- _Records for this exercise_
- Opening Delimiter -
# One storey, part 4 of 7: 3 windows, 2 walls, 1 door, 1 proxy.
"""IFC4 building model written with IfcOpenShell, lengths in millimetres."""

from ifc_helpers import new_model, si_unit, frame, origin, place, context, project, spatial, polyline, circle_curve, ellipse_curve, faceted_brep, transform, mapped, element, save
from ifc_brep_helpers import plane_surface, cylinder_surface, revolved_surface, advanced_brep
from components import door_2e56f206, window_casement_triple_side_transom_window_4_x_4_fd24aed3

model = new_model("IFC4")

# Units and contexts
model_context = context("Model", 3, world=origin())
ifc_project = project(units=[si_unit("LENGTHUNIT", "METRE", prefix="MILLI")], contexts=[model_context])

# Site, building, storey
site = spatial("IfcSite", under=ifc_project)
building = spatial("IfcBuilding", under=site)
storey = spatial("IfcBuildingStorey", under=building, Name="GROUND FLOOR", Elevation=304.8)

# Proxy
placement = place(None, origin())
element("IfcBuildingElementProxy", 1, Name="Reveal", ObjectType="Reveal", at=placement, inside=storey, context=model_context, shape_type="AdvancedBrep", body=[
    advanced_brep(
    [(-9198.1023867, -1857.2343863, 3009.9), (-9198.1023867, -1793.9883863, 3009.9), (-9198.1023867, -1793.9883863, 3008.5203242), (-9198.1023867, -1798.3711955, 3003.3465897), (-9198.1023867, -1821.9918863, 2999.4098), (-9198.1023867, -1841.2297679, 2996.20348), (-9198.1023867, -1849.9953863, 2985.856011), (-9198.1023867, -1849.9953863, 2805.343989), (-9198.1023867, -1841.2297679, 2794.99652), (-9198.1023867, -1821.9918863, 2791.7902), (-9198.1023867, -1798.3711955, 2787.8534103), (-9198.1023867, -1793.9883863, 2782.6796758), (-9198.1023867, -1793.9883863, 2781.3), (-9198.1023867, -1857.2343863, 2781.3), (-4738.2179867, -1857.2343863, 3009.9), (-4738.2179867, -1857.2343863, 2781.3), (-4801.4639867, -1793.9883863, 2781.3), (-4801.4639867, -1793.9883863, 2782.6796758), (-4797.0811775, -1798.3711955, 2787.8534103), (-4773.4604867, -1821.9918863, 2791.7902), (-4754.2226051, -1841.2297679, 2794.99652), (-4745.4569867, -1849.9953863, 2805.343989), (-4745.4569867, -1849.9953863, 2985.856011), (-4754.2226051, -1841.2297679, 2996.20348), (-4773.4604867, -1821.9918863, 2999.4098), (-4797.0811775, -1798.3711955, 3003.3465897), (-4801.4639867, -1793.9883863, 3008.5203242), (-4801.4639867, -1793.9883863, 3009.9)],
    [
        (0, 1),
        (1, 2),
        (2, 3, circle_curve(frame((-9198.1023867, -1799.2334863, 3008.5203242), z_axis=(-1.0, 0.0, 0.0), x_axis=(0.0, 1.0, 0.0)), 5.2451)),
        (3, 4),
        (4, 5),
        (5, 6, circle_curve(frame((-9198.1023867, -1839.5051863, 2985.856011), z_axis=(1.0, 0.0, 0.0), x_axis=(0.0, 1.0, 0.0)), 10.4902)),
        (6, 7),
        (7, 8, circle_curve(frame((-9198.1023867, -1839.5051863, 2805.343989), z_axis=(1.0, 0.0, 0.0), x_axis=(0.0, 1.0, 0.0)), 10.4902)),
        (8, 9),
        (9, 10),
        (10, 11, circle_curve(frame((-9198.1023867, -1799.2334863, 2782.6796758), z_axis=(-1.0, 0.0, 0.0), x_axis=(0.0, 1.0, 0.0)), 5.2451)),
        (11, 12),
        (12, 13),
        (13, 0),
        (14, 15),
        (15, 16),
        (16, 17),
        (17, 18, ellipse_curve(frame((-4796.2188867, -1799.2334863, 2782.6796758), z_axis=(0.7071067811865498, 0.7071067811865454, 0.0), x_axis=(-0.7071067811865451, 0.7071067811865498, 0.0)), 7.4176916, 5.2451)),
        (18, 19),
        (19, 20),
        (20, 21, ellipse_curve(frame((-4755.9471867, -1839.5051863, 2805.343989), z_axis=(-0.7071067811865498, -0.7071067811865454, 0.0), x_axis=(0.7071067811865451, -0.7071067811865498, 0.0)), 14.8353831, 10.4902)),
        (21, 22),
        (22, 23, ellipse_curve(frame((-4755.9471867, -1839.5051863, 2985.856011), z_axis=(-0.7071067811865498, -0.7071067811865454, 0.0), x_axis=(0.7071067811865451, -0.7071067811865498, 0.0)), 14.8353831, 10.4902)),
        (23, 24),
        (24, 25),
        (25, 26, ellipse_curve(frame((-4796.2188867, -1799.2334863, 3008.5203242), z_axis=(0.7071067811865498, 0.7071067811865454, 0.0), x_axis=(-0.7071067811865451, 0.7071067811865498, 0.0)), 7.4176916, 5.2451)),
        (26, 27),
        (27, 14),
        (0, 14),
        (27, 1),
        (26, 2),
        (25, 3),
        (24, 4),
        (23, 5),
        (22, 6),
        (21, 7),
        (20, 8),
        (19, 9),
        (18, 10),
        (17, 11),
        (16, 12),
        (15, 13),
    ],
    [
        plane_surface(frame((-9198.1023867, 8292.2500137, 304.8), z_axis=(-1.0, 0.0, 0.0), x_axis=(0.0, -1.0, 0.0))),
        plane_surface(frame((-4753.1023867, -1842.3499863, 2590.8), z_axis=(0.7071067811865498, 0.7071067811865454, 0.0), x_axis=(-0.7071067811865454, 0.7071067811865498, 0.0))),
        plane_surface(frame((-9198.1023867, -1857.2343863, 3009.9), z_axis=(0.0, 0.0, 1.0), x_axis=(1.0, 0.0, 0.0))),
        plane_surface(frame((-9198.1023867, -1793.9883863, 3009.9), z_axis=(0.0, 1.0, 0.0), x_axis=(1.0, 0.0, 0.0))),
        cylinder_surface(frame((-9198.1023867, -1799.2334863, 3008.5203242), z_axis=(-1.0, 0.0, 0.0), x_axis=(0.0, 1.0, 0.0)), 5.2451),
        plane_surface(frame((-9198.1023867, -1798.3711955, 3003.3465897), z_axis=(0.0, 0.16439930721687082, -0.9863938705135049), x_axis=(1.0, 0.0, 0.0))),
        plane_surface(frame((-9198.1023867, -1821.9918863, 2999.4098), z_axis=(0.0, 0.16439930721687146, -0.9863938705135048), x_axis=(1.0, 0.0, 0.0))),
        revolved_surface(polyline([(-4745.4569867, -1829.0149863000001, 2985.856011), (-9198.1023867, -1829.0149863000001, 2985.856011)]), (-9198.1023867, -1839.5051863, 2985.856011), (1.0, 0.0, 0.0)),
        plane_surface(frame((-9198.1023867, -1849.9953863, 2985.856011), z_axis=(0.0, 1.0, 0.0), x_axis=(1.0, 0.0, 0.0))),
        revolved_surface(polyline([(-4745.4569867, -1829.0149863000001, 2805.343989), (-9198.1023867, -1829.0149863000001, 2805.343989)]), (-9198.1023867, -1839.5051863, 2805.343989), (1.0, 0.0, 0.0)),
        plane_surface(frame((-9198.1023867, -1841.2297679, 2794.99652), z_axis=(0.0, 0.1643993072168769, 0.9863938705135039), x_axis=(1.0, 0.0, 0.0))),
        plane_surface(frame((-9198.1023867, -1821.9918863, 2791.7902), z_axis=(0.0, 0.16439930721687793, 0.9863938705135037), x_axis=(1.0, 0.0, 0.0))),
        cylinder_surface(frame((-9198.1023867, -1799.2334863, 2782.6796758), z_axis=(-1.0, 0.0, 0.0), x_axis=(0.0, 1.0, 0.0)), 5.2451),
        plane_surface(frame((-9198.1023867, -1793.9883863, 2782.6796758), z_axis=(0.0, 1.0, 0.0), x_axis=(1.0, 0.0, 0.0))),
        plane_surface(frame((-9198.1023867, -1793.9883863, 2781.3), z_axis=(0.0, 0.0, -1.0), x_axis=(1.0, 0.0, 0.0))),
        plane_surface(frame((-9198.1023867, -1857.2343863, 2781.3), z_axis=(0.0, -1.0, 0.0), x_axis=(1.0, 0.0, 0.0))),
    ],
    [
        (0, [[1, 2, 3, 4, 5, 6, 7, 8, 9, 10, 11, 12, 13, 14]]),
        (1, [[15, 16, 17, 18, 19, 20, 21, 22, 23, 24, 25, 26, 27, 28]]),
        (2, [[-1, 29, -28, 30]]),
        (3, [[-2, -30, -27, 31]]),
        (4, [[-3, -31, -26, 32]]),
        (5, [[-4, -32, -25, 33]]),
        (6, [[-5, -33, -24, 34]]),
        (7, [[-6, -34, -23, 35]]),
- Closing Delimiter -
- _Aim of the exercise_
Nothing should be returned except the lines from the first line of the data above through the line with "building model written", each one exact.

- _Result below_
# One storey, part 4 of 7: 3 windows, 2 walls, 1 door, 1 proxy.
"""IFC4 building model written with IfcOpenShell, lengths in millimetres."""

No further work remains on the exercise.